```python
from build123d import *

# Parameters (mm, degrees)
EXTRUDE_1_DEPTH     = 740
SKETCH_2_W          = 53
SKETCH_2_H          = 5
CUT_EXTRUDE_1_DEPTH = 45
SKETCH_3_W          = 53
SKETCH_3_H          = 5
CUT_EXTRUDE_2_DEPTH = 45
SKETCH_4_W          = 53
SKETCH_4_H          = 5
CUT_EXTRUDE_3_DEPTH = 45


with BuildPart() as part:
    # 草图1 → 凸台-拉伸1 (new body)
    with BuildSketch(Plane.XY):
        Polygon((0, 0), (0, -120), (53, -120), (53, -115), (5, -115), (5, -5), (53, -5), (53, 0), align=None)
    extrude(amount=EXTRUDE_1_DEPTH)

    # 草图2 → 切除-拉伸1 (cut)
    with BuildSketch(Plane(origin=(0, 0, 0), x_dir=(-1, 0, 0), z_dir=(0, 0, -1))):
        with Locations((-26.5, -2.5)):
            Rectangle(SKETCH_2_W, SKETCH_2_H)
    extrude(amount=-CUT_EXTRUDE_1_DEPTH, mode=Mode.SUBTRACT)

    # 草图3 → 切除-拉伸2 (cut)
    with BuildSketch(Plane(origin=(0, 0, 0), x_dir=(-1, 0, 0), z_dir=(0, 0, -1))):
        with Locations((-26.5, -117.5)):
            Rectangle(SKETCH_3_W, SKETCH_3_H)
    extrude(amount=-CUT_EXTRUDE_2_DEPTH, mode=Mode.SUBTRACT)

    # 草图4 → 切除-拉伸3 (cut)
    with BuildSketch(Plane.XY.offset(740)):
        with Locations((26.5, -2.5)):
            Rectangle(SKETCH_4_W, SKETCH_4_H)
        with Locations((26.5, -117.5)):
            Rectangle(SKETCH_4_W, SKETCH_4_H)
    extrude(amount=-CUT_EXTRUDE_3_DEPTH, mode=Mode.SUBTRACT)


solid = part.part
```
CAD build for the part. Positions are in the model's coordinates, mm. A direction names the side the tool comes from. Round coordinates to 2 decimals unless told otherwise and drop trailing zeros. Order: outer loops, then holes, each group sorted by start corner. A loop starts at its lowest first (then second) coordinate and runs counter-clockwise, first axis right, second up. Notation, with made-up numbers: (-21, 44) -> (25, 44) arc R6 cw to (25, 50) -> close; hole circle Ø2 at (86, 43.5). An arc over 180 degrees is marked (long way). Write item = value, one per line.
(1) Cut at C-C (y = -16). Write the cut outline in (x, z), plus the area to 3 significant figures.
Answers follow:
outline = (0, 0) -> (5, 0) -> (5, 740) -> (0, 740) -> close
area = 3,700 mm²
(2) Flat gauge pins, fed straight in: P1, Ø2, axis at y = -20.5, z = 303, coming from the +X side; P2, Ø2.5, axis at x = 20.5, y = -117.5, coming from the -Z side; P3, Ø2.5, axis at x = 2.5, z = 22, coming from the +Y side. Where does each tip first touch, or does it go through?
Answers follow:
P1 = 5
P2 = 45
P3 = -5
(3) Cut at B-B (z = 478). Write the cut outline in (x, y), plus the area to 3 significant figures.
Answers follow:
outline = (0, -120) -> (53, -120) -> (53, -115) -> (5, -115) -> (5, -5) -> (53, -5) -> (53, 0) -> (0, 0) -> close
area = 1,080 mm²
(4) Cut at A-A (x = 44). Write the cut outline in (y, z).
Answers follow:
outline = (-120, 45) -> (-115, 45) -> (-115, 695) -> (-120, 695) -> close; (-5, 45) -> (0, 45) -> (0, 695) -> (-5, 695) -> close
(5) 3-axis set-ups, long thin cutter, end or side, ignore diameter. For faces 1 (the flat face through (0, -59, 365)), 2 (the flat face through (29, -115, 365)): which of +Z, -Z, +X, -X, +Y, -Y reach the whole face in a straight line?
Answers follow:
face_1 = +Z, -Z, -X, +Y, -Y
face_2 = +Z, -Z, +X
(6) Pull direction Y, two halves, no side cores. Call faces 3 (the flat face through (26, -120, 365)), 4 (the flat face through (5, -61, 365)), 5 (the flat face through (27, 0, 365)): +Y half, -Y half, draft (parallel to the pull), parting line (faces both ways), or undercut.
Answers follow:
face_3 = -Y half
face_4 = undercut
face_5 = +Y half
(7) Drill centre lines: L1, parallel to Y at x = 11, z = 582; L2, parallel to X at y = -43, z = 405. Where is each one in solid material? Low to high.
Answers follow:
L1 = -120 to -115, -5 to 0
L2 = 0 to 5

==================================================

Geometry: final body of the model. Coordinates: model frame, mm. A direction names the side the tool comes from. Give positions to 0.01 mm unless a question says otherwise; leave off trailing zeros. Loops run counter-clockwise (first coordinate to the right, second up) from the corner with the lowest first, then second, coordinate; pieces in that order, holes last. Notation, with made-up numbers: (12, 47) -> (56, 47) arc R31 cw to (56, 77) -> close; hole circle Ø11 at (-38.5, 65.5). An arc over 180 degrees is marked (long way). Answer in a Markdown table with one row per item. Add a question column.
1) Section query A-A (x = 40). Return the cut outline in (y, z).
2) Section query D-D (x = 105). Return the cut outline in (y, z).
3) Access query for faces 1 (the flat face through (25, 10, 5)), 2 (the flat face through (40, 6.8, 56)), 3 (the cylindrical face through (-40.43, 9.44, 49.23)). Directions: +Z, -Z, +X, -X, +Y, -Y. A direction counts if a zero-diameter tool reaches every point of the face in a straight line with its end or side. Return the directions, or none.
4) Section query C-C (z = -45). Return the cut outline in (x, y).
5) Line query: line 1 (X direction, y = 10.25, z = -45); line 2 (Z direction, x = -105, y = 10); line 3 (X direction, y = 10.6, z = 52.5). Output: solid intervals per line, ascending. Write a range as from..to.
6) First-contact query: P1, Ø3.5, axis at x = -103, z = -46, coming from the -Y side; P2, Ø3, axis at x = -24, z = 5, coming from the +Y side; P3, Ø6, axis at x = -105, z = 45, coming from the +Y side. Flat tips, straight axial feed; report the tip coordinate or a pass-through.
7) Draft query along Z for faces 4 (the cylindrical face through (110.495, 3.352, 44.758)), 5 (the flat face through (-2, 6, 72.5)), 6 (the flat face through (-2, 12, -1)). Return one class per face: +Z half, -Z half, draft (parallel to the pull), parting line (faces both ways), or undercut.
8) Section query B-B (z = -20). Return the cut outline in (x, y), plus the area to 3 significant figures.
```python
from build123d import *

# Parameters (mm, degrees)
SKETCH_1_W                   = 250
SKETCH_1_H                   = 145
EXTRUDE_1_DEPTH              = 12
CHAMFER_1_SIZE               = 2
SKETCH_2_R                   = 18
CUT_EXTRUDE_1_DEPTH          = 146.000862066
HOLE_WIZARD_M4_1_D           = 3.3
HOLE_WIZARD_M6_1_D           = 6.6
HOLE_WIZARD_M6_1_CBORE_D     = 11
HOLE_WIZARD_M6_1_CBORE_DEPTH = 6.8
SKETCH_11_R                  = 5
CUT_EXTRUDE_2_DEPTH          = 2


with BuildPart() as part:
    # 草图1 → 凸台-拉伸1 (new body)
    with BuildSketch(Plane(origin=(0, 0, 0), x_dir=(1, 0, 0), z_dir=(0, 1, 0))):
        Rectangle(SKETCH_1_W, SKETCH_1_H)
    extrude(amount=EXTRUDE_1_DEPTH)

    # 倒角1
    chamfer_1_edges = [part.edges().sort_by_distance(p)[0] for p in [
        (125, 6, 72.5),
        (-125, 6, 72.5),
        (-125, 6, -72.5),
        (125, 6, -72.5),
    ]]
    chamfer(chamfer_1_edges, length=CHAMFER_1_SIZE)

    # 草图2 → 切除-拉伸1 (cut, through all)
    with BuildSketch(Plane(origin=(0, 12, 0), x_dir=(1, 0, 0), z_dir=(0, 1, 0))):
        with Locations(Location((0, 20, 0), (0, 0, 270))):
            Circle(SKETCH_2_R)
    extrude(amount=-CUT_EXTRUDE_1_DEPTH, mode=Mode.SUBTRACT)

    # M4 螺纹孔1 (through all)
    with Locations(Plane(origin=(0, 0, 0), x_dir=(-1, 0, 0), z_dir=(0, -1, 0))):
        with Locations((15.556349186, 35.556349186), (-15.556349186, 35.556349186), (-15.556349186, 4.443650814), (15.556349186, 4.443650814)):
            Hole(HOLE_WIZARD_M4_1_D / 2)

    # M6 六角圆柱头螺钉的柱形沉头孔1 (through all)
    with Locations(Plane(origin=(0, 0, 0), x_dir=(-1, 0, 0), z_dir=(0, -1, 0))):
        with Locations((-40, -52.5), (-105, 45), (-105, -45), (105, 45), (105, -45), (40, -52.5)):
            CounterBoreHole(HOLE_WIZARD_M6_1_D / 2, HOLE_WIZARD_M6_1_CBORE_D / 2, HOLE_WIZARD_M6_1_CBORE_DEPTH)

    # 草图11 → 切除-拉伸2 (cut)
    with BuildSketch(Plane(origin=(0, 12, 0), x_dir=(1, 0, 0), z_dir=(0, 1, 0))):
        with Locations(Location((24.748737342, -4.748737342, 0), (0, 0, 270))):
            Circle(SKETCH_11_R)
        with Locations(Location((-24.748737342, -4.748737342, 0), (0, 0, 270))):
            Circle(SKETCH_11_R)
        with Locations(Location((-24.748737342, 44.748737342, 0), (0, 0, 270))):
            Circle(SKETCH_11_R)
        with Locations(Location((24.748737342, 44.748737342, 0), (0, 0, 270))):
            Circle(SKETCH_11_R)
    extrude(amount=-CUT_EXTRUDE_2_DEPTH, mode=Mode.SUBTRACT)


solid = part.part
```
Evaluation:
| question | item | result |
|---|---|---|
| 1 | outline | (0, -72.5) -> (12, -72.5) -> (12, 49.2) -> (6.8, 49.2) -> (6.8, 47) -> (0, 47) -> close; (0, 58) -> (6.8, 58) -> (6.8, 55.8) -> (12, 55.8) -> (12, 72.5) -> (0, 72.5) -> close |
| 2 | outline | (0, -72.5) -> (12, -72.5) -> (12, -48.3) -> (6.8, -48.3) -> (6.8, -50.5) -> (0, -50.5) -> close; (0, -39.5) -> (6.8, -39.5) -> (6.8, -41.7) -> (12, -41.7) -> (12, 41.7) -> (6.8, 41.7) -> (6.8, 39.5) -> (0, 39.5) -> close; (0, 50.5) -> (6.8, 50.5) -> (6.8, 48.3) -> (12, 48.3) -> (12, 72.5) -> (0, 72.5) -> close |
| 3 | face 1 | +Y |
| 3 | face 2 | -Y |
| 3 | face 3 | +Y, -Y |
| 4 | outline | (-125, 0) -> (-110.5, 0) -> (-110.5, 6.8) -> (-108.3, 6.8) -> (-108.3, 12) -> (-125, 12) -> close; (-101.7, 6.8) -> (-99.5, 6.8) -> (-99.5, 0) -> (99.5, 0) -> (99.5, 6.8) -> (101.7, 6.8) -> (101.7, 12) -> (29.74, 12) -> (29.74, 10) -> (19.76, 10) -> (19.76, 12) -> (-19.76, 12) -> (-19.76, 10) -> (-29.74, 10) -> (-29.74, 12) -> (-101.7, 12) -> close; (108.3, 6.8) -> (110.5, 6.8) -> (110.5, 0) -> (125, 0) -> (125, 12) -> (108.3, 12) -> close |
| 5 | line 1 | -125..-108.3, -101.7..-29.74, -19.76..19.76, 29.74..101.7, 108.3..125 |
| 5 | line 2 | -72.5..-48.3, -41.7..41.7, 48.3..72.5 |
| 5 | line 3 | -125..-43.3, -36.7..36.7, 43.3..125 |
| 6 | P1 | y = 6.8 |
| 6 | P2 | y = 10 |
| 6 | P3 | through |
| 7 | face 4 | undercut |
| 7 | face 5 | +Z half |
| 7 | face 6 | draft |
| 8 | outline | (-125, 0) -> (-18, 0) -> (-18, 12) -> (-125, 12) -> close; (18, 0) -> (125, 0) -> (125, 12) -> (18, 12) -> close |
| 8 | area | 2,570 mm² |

==================================================

**Work order**
Give back precisely the lines above that start at the line containing "2) Section query" and end at the line containing "3) Access query", inclusive. No other lines belong in the output.

**Solution below**
2) Section query D-D (x = 105). Return the cut outline in (y, z).
3) Access query for faces 1 (the flat face through (25, 10, 5)), 2 (the flat face through (40, 6.8, 56)), 3 (the cylindrical face through (-40.43, 9.44, 49.23)). Directions: +Z, -Z, +X, -X, +Y, -Y. A direction counts if a zero-diameter tool reaches every point of the face in a straight line with its end or side. Return the directions, or none.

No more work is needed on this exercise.